# EXERCISE INPUTS:
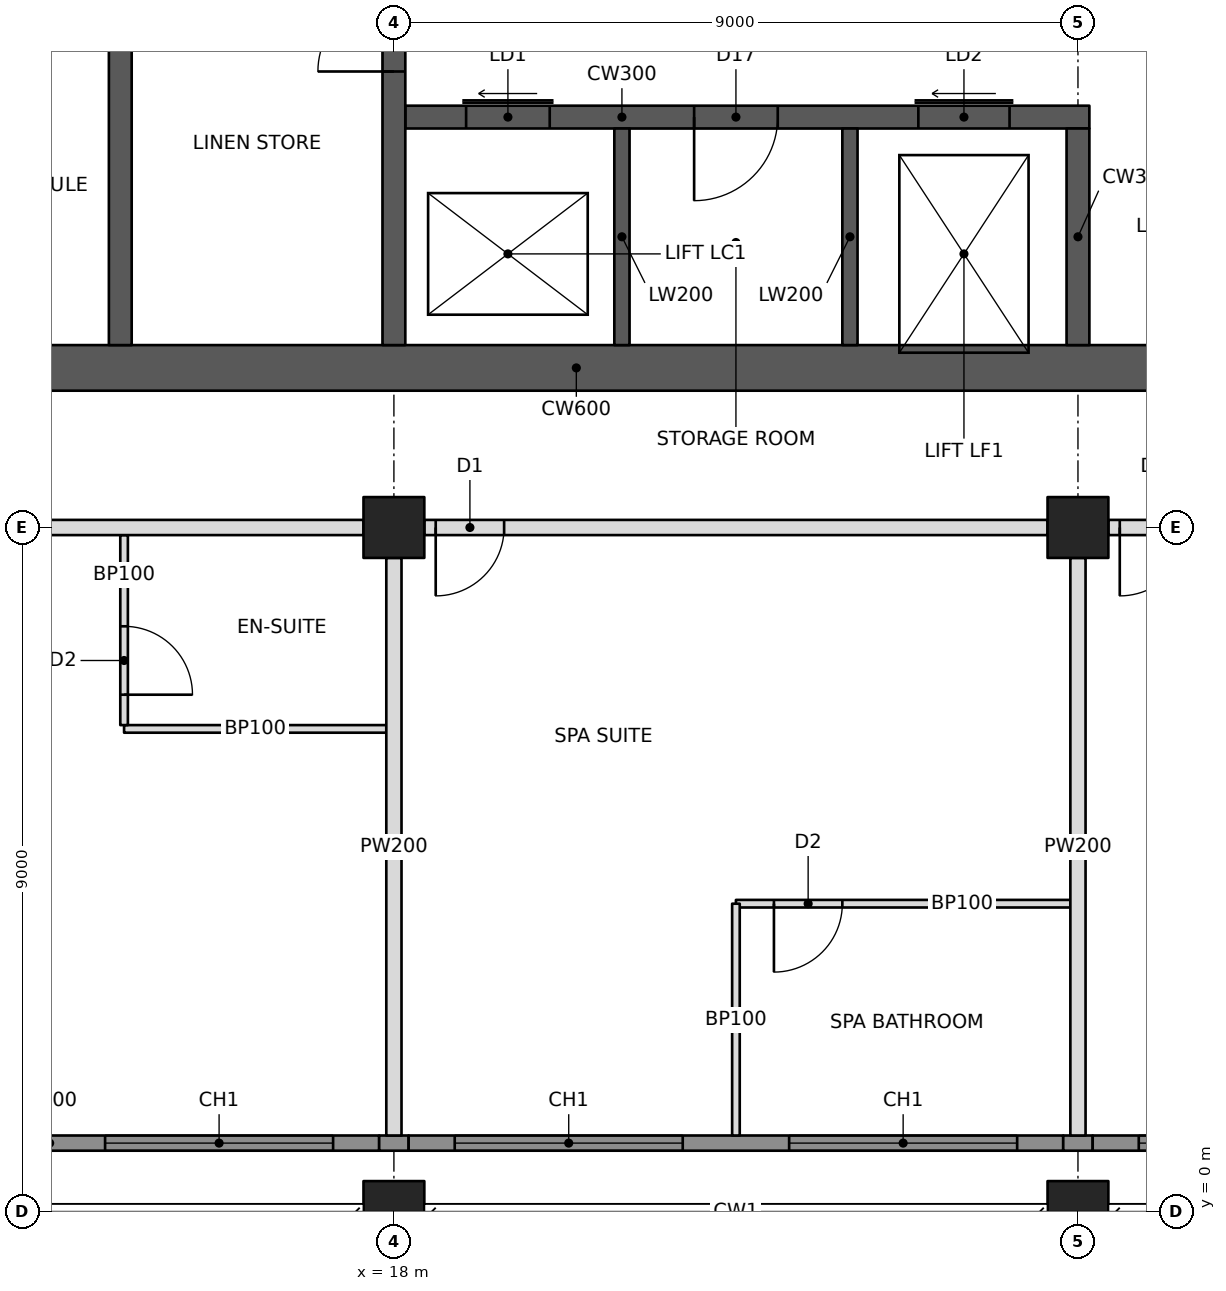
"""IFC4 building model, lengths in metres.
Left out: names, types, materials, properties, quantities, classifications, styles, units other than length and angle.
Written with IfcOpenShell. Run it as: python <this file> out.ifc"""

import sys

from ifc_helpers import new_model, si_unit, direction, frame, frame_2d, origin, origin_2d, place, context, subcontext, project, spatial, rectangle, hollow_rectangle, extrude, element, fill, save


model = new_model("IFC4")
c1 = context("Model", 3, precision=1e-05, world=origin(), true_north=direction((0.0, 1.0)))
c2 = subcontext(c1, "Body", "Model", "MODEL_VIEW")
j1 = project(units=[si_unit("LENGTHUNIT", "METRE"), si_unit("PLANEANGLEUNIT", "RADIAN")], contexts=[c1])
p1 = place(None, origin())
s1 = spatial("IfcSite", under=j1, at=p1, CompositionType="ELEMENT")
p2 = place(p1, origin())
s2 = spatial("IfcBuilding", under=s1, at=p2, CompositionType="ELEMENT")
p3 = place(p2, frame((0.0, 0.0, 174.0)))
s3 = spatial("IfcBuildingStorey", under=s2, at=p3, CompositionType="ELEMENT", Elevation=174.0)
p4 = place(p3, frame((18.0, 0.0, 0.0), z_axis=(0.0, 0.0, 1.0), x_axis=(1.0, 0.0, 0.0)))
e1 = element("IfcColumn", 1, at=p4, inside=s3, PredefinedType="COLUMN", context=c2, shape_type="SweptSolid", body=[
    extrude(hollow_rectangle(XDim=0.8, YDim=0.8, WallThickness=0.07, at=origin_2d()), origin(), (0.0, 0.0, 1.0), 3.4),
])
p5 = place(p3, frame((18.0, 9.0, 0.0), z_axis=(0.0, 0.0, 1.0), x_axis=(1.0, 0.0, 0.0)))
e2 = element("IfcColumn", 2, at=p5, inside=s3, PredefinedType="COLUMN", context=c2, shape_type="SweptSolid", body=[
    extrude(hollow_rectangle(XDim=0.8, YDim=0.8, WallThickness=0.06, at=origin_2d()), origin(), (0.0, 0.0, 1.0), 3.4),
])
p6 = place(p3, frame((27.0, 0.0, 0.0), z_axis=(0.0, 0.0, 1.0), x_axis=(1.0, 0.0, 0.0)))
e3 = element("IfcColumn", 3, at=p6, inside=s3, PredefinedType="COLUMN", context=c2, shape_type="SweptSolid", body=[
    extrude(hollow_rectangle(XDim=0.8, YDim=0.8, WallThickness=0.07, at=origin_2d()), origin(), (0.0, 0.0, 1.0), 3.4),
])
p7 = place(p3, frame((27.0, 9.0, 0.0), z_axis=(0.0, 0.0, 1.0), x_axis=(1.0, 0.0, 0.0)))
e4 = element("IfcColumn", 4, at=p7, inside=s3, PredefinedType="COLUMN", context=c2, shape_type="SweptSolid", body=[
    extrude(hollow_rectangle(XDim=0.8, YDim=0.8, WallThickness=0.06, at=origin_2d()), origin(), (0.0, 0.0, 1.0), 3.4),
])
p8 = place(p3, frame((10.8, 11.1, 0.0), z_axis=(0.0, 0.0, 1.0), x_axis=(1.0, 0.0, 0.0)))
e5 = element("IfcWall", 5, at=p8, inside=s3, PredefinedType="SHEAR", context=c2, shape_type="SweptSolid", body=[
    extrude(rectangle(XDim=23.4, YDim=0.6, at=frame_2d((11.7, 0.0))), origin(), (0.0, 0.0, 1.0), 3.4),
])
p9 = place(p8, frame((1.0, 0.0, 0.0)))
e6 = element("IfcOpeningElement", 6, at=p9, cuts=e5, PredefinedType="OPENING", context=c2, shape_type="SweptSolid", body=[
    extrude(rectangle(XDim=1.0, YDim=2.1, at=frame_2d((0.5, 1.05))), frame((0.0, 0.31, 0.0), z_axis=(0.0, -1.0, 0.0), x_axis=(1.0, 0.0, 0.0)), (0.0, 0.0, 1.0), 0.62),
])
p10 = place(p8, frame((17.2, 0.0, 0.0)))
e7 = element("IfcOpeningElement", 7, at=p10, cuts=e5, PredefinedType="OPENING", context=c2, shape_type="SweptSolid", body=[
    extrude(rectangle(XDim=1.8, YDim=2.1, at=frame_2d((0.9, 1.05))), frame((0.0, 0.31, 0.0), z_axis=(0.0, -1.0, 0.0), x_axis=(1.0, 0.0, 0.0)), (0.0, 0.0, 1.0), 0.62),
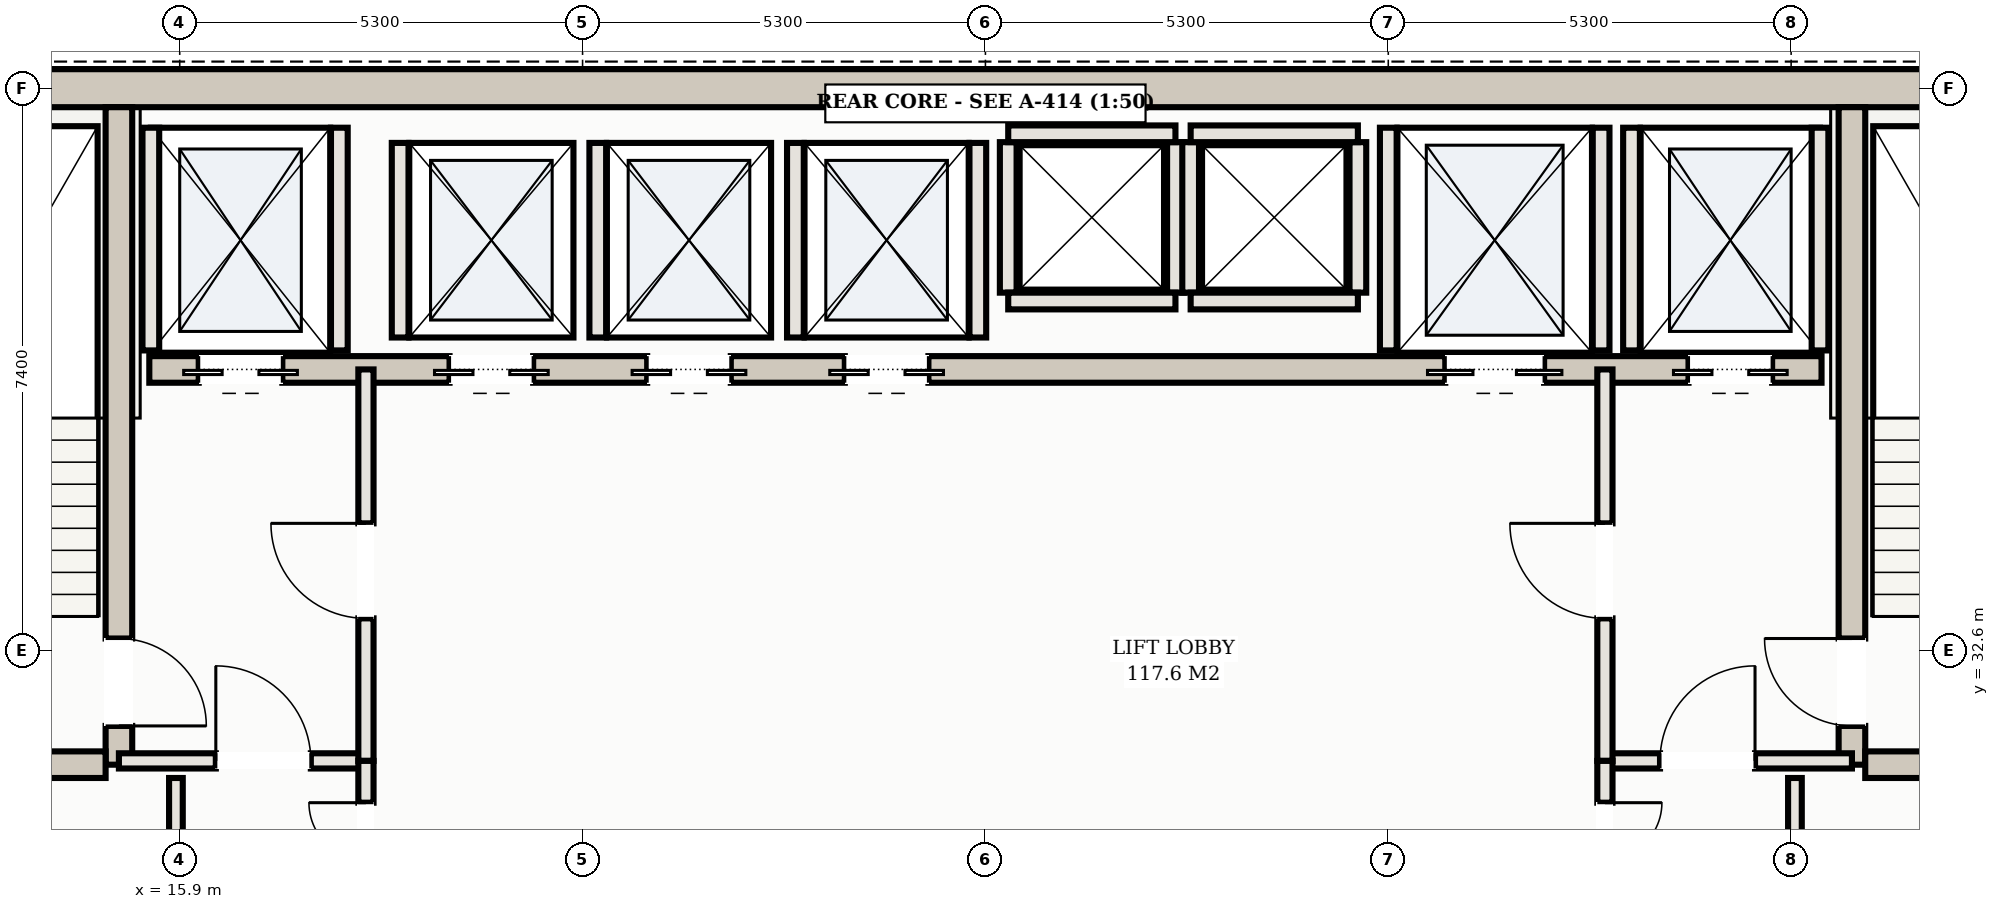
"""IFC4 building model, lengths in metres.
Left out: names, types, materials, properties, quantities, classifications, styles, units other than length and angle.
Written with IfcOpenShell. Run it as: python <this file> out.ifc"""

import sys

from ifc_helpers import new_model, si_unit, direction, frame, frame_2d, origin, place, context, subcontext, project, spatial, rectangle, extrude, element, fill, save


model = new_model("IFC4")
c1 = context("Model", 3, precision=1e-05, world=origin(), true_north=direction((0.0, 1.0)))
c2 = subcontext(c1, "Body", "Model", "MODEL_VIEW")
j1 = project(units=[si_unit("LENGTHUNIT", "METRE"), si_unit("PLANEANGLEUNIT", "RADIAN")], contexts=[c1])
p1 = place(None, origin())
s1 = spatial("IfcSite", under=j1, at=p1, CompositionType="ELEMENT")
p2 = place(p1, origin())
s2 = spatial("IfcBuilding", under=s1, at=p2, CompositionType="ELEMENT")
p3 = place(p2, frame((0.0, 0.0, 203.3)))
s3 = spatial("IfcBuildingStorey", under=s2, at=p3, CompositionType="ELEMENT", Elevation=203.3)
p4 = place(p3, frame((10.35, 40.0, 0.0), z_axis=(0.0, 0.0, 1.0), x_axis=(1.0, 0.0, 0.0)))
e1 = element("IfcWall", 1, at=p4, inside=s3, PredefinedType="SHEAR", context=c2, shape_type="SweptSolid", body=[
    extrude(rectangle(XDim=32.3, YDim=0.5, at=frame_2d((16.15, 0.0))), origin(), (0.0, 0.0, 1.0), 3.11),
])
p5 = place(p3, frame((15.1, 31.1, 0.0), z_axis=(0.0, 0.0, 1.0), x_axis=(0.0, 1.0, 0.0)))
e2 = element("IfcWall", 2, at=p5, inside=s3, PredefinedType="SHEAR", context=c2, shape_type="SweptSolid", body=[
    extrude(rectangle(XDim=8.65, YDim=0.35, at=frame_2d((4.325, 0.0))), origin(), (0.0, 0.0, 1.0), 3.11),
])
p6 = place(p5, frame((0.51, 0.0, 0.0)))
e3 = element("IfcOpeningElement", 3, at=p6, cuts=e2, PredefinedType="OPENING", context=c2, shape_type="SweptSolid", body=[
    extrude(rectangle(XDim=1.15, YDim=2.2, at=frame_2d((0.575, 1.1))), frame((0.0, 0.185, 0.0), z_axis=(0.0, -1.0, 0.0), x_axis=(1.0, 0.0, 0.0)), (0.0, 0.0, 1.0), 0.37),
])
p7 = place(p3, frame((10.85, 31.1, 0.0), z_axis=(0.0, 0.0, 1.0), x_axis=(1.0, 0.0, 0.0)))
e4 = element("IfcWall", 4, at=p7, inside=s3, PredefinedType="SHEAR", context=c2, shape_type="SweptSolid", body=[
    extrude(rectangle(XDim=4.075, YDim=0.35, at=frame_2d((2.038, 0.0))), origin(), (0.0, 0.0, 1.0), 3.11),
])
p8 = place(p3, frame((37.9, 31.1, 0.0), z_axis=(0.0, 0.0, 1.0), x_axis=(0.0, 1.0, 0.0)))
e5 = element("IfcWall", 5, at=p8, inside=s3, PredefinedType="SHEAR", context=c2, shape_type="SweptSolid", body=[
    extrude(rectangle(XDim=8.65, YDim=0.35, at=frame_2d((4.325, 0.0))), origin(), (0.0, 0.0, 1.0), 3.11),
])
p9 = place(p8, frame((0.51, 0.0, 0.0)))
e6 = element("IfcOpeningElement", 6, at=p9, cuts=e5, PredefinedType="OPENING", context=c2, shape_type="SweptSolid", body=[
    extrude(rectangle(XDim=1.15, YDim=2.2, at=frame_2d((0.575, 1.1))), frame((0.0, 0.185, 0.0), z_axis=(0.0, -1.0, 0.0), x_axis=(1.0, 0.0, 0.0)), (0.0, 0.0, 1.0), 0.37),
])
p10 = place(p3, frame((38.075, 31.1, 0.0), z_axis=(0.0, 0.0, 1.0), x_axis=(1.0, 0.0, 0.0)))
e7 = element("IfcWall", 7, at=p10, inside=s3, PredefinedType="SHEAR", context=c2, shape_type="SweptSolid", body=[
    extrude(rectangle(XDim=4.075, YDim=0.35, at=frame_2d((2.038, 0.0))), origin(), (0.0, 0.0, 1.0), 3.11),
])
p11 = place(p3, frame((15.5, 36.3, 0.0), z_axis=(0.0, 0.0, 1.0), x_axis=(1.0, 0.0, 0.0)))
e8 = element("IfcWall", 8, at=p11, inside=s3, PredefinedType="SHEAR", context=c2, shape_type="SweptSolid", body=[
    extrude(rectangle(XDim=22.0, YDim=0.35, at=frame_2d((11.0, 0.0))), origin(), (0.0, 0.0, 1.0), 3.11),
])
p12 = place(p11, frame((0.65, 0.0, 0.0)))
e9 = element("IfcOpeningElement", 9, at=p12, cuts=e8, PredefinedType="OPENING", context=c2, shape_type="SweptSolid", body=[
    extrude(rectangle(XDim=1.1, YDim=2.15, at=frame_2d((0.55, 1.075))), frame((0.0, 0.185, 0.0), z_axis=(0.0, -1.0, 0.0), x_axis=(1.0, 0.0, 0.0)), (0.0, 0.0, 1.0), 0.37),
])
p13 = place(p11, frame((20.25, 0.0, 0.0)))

# EXERCISE AIM:
If a line in the listing holds the word "from", list that line.

# RESPONSE TO THE TASK:
from ifc_helpers import new_model, si_unit, direction, frame, frame_2d, origin, origin_2d, place, context, subcontext, project, spatial, rectangle, hollow_rectangle, extrude, element, fill, save
from ifc_helpers import new_model, si_unit, direction, frame, frame_2d, origin, place, context, subcontext, project, spatial, rectangle, extrude, element, fill, save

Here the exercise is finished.